Search the material for lines containing the word "OPENING", and copy each one.

**GIVEN DATA**
════════

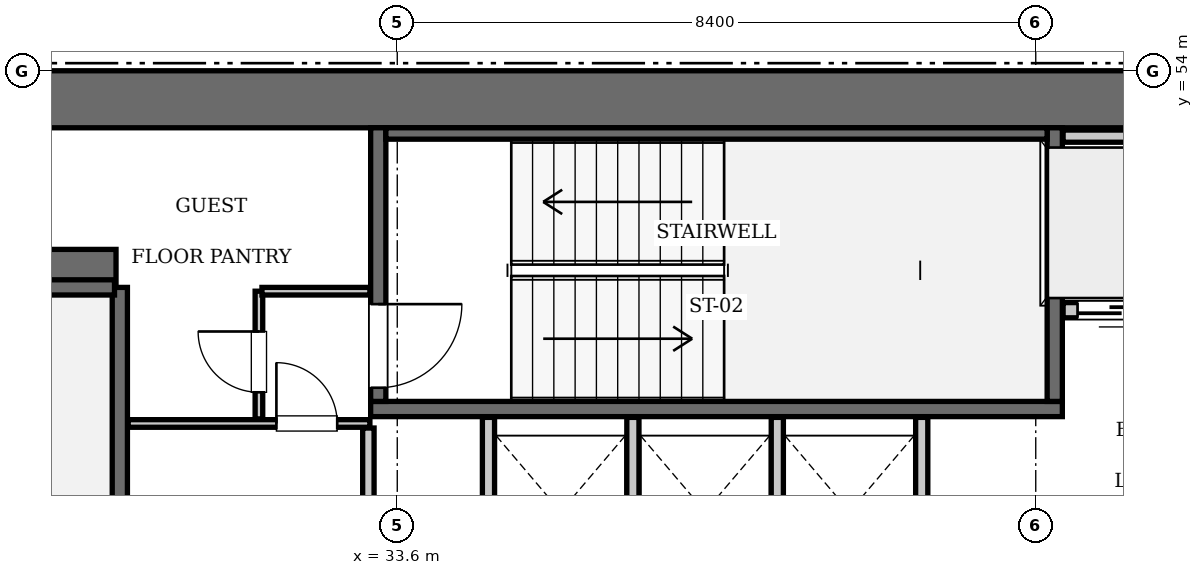
"""IFC4 building model, lengths in metres.
Left out: names, types, materials, properties, quantities, classifications, styles, units other than length and angle.
Written with IfcOpenShell. Run it as: python <this file> out.ifc"""

import sys

from ifc_helpers import new_model, si_unit, direction, frame, frame_2d, origin, place, context, subcontext, project, spatial, rectangle, extrude, element, fill, save


model = new_model("IFC4")
c1 = context("Model", 3, precision=1e-05, world=origin(), true_north=direction((0.0, 1.0)))
c2 = subcontext(c1, "Body", "Model", "MODEL_VIEW")
j1 = project(units=[si_unit("LENGTHUNIT", "METRE"), si_unit("PLANEANGLEUNIT", "RADIAN")], contexts=[c1])
p1 = place(None, origin())
s1 = spatial("IfcSite", under=j1, at=p1, CompositionType="ELEMENT")
p2 = place(p1, origin())
s2 = spatial("IfcBuilding", under=s1, at=p2, CompositionType="ELEMENT")
p3 = place(p2, frame((0.0, 0.0, 219.8)))
s3 = spatial("IfcBuildingStorey", under=s2, at=p3, CompositionType="ELEMENT", Elevation=219.8)
p4 = place(p3, frame((25.2, 53.625, 0.0), z_axis=(0.0, 0.0, 1.0), x_axis=(1.0, 0.0, 0.0)))
e1 = element("IfcWall", 1, at=p4, inside=s3, PredefinedType="SHEAR", context=c2, shape_type="SweptSolid", body=[
    extrude(rectangle(XDim=25.2, YDim=0.75, at=frame_2d((12.6, 0.0))), origin(), (0.0, 0.0, 1.0), 3.85),
])
p5 = place(p3, frame((25.95, 51.4, 0.0), z_axis=(0.0, 0.0, 1.0), x_axis=(1.0, 0.0, 0.0)))
e2 = element("IfcWall", 2, at=p5, inside=s3, PredefinedType="SHEAR", context=c2, shape_type="SweptSolid", body=[
    extrude(rectangle(XDim=3.95, YDim=0.5, at=frame_2d((1.975, 0.0))), origin(), (0.0, 0.0, 1.0), 3.85),
])
p6 = place(p3, frame((29.95, 42.15, 0.0), z_axis=(0.0, 0.0, 1.0), x_axis=(0.0, 1.0, 0.0)))
e3 = element("IfcWall", 3, at=p6, inside=s3, PredefinedType="SOLIDWALL", context=c2, shape_type="SweptSolid", body=[
    extrude(rectangle(XDim=9.0, YDim=0.2, at=frame_2d((4.5, 0.0))), origin(), (0.0, 0.0, 1.0), 3.61),
])
p7 = place(p3, frame((26.38, 51.15, 0.0), z_axis=(0.0, 0.0, 1.0), x_axis=(1.0, 0.0, 0.0)))
e4 = element("IfcWall", 4, at=p7, inside=s3, PredefinedType="SOLIDWALL", context=c2, shape_type="SweptSolid", body=[
    extrude(rectangle(XDim=3.5, YDim=0.2, at=frame_2d((1.75, 0.0))), origin(), (0.0, 0.0, 1.0), 3.61),
])
p8 = place(p3, frame((33.25, 49.55, 0.0), z_axis=(0.0, 0.0, 1.0), x_axis=(1.0, 0.0, 0.0)))
e5 = element("IfcWall", 5, at=p8, inside=s3, PredefinedType="SOLIDWALL", context=c2, shape_type="SweptSolid", body=[
    extrude(rectangle(XDim=9.1, YDim=0.2, at=frame_2d((4.55, 0.0))), origin(), (0.0, 0.0, 1.0), 3.61),
])
p9 = place(p3, frame((42.25, 49.65, 0.0), z_axis=(0.0, 0.0, 1.0), x_axis=(0.0, 1.0, 0.0)))
e6 = element("IfcWall", 6, at=p9, inside=s3, PredefinedType="SOLIDWALL", context=c2, shape_type="SweptSolid", body=[
    extrude(rectangle(XDim=3.6, YDim=0.2, at=frame_2d((1.8, 0.0))), origin(), (0.0, 0.0, 1.0), 3.61),
])
p10 = place(p3, frame((33.35, 49.65, 0.0), z_axis=(0.0, 0.0, 1.0), x_axis=(0.0, 1.0, 0.0)))
e7 = element("IfcWall", 7, at=p10, inside=s3, PredefinedType="SOLIDWALL", context=c2, shape_type="SweptSolid", body=[
    extrude(rectangle(XDim=3.6, YDim=0.2, at=frame_2d((1.8, 0.0))), origin(), (0.0, 0.0, 1.0), 3.61),
])
p11 = place(p10, frame((0.18, 0.0, 0.0)))
e8 = element("IfcOpeningElement", 8, at=p11, cuts=e7, PredefinedType="OPENING", context=c2, shape_type="SweptSolid", body=[
    extrude(rectangle(XDim=1.1, YDim=2.15, at=frame_2d((0.55, 1.075))), frame((0.0, 0.11, 0.0), z_axis=(0.0, -1.0, 0.0), x_axis=(1.0, 0.0, 0.0)), (0.0, 0.0, 1.0), 0.22),
])
p12 = place(p3, frame((33.45, 53.175, 0.0), z_axis=(0.0, 0.0, 1.0), x_axis=(1.0, 0.0, 0.0)))
e9 = element("IfcWall", 9, at=p12, inside=s3, PredefinedType="SOLIDWALL", context=c2, shape_type="SweptSolid", body=[
    extrude(rectangle(XDim=8.7, YDim=0.15, at=frame_2d((4.35, 0.0))), origin(), (0.0, 0.0, 1.0), 3.61),
])
p13 = place(p3, frame((42.36, 50.85, 0.0), z_axis=(0.0, 0.0, 1.0), x_axis=(1.0, 0.0, 0.0)))
e10 = element("IfcWall", 10, at=p13, inside=s3, PredefinedType="SOLIDWALL", context=c2, shape_type="SweptSolid", body=[
    extrude(rectangle(XDim=1.38, YDim=0.2, at=frame_2d((0.69, 0.0))), origin(), (0.0, 0.0, 1.0), 3.61),
])
p14 = place(p13, frame((0.19, 0.0, 0.0)))
e11 = element("IfcOpeningElement", 11, at=p14, cuts=e10, PredefinedType="OPENING", context=c2, shape_type="SweptSolid", body=[
    extrude(rectangle(XDim=1.0, YDim=2.15, at=frame_2d((0.5, 1.075))), frame((0.0, 0.11, 0.0), z_axis=(0.0, -1.0, 0.0), x_axis=(1.0, 0.0, 0.0)), (0.0, 0.0, 1.0), 0.22),
])
p15 = place(p3, frame((42.36, 53.14, 0.0), z_axis=(0.0, 0.0, 1.0), x_axis=(1.0, 0.0, 0.0)))
e12 = element("IfcWall", 12, at=p15, inside=s3, PredefinedType="SOLIDWALL", context=c2, shape_type="SweptSolid", body=[
    extrude(rectangle(XDim=3.14, YDim=0.16, at=frame_2d((1.57, 0.0))), origin(), (0.0, 0.0, 1.0), 3.61),
])
for number, where, z_axis, x_axis in (
    (13, (34.8, 47.25, 0.0), (0.0, 0.0, 1.0), (0.0, 1.0, 0.0)),
    (14, (36.7, 47.25, 0.0), (0.0, 0.0, 1.0), (0.0, 1.0, 0.0)),
    (15, (38.6, 47.25, 0.0), (0.0, 0.0, 1.0), (0.0, 1.0, 0.0)),
    (16, (40.5, 47.25, 0.0), (0.0, 0.0, 1.0), (0.0, 1.0, 0.0)),
):
    element("IfcWall", number, at=place(p3, frame(where, z_axis=z_axis, x_axis=x_axis)), inside=s3, PredefinedType="SOLIDWALL", context=c2, shape_type="SweptSolid", body=[
        extrude(rectangle(XDim=2.19, YDim=0.16, at=frame_2d((1.095, 0.0))), origin(), (0.0, 0.0, 1.0), 3.61),
    ])
p16 = place(p3, frame((33.22, 45.14, 0.0), z_axis=(0.0, 0.0, 1.0), x_axis=(0.0, 1.0, 0.0)))
e17 = element("IfcWall", 17, at=p16, inside=s3, PredefinedType="PARTITIONING", context=c2, shape_type="SweptSolid", body=[
    extrude(rectangle(XDim=4.16, YDim=0.15, at=frame_2d((2.08, 0.0))), origin(), (0.0, 0.0, 1.0), 3.61),
])
p17 = place(p3, frame((30.06, 49.36, 0.0), z_axis=(0.0, 0.0, 1.0), x_axis=(1.0, 0.0, 0.0)))
e18 = element("IfcWall", 18, at=p17, inside=s3, PredefinedType="PARTITIONING", context=c2, shape_type="SweptSolid", body=[
    extrude(rectangle(XDim=3.18, YDim=0.1, at=frame_2d((1.59, 0.0))), origin(), (0.0, 0.0, 1.0), 3.61),
])
p18 = place(p17, frame((1.95, 0.0, 0.0)))
e19 = element("IfcOpeningElement", 19, at=p18, cuts=e18, PredefinedType="OPENING", context=c2, shape_type="SweptSolid", body=[
    extrude(rectangle(XDim=0.8, YDim=2.05, at=frame_2d((0.4, 1.025))), frame((0.0, 0.06, 0.0), z_axis=(0.0, -1.0, 0.0), x_axis=(1.0, 0.0, 0.0)), (0.0, 0.0, 1.0), 0.12),
])
p19 = place(p3, frame((31.78, 49.42, 0.0), z_axis=(0.0, 0.0, 1.0), x_axis=(0.0, 1.0, 0.0)))
e20 = element("IfcWall", 20, at=p19, inside=s3, PredefinedType="PARTITIONING", context=c2, shape_type="SweptSolid", body=[
    extrude(rectangle(XDim=1.68, YDim=0.1, at=frame_2d((0.84, 0.0))), origin(), (0.0, 0.0, 1.0), 3.61),
])
p20 = place(p19, frame((0.35, 0.0, 0.0)))
e21 = element("IfcOpeningElement", 21, at=p20, cuts=e20, PredefinedType="OPENING", context=c2, shape_type="SweptSolid", body=[
    extrude(rectangle(XDim=0.8, YDim=2.05, at=frame_2d((0.4, 1.025))), frame((0.0, 0.06, 0.0), z_axis=(0.0, -1.0, 0.0), x_axis=(1.0, 0.0, 0.0)), (0.0, 0.0, 1.0), 0.12),
])
p21 = place(p3, frame((31.82, 51.1, 0.0), z_axis=(0.0, 0.0, 1.0), x_axis=(1.0, 0.0, 0.0)))
e22 = element("IfcWall", 22, at=p21, inside=s3, PredefinedType="PARTITIONING", context=c2, shape_type="SweptSolid", body=[
    extrude(rectangle(XDim=1.42, YDim=0.1, at=frame_2d((0.71, 0.0))), origin(), (0.0, 0.0, 1.0), 3.61),
])
p22 = place(p11, frame((1.1, 0.0, 0.0), z_axis=(0.0, 0.0, 1.0), x_axis=(-1.0, 0.0, 0.0)))
e23 = element("IfcDoor", 23, at=p22, inside=s3, OperationType="SINGLE_SWING_LEFT", PredefinedType="DOOR", context=c2, shape_type="SweptSolid", body=[
    extrude(rectangle(XDim=1.1, YDim=2.15, at=frame_2d((0.55, 1.075))), frame((0.0, 0.025, 0.0), z_axis=(0.0, -1.0, 0.0), x_axis=(1.0, 0.0, 0.0)), (0.0, 0.0, 1.0), 0.05),
])
fill(e8, e23)
p23 = place(p14, frame((1.0, 0.0, 0.0), z_axis=(0.0, 0.0, 1.0), x_axis=(-1.0, 0.0, 0.0)))
e24 = element("IfcDoor", 24, at=p23, inside=s3, OperationType="SLIDING_TO_LEFT", PredefinedType="DOOR", context=c2, shape_type="SweptSolid", body=[
    extrude(rectangle(XDim=1.0, YDim=2.15, at=frame_2d((0.5, 1.075))), frame((0.0, 0.025, 0.0), z_axis=(0.0, -1.0, 0.0), x_axis=(1.0, 0.0, 0.0)), (0.0, 0.0, 1.0), 0.05),
])
fill(e11, e24)
p24 = place(p18, origin())
e25 = element("IfcDoor", 25, at=p24, inside=s3, OperationType="SINGLE_SWING_LEFT", PredefinedType="DOOR", context=c2, shape_type="SweptSolid", body=[
    extrude(rectangle(XDim=0.8, YDim=2.05, at=frame_2d((0.4, 1.025))), frame((0.0, 0.025, 0.0), z_axis=(0.0, -1.0, 0.0), x_axis=(1.0, 0.0, 0.0)), (0.0, 0.0, 1.0), 0.05),
])
fill(e19, e25)
p25 = place(p20, origin())
e26 = element("IfcDoor", 26, at=p25, inside=s3, OperationType="SINGLE_SWING_RIGHT", PredefinedType="DOOR", context=c2, shape_type="SweptSolid", body=[
    extrude(rectangle(XDim=0.8, YDim=2.05, at=frame_2d((0.4, 1.025))), frame((0.0, 0.025, 0.0), z_axis=(0.0, -1.0, 0.0), x_axis=(1.0, 0.0, 0.0)), (0.0, 0.0, 1.0), 0.05),
])
fill(e21, e26)
save(model, sys.argv[1])

════════

**ANSWER TO THE PROBLEM**
e8 = element("IfcOpeningElement", 8, at=p11, cuts=e7, PredefinedType="OPENING", context=c2, shape_type="SweptSolid", body=[
e11 = element("IfcOpeningElement", 11, at=p14, cuts=e10, PredefinedType="OPENING", context=c2, shape_type="SweptSolid", body=[
e19 = element("IfcOpeningElement", 19, at=p18, cuts=e18, PredefinedType="OPENING", context=c2, shape_type="SweptSolid", body=[
e21 = element("IfcOpeningElement", 21, at=p20, cuts=e20, PredefinedType="OPENING", context=c2, shape_type="SweptSolid", body=[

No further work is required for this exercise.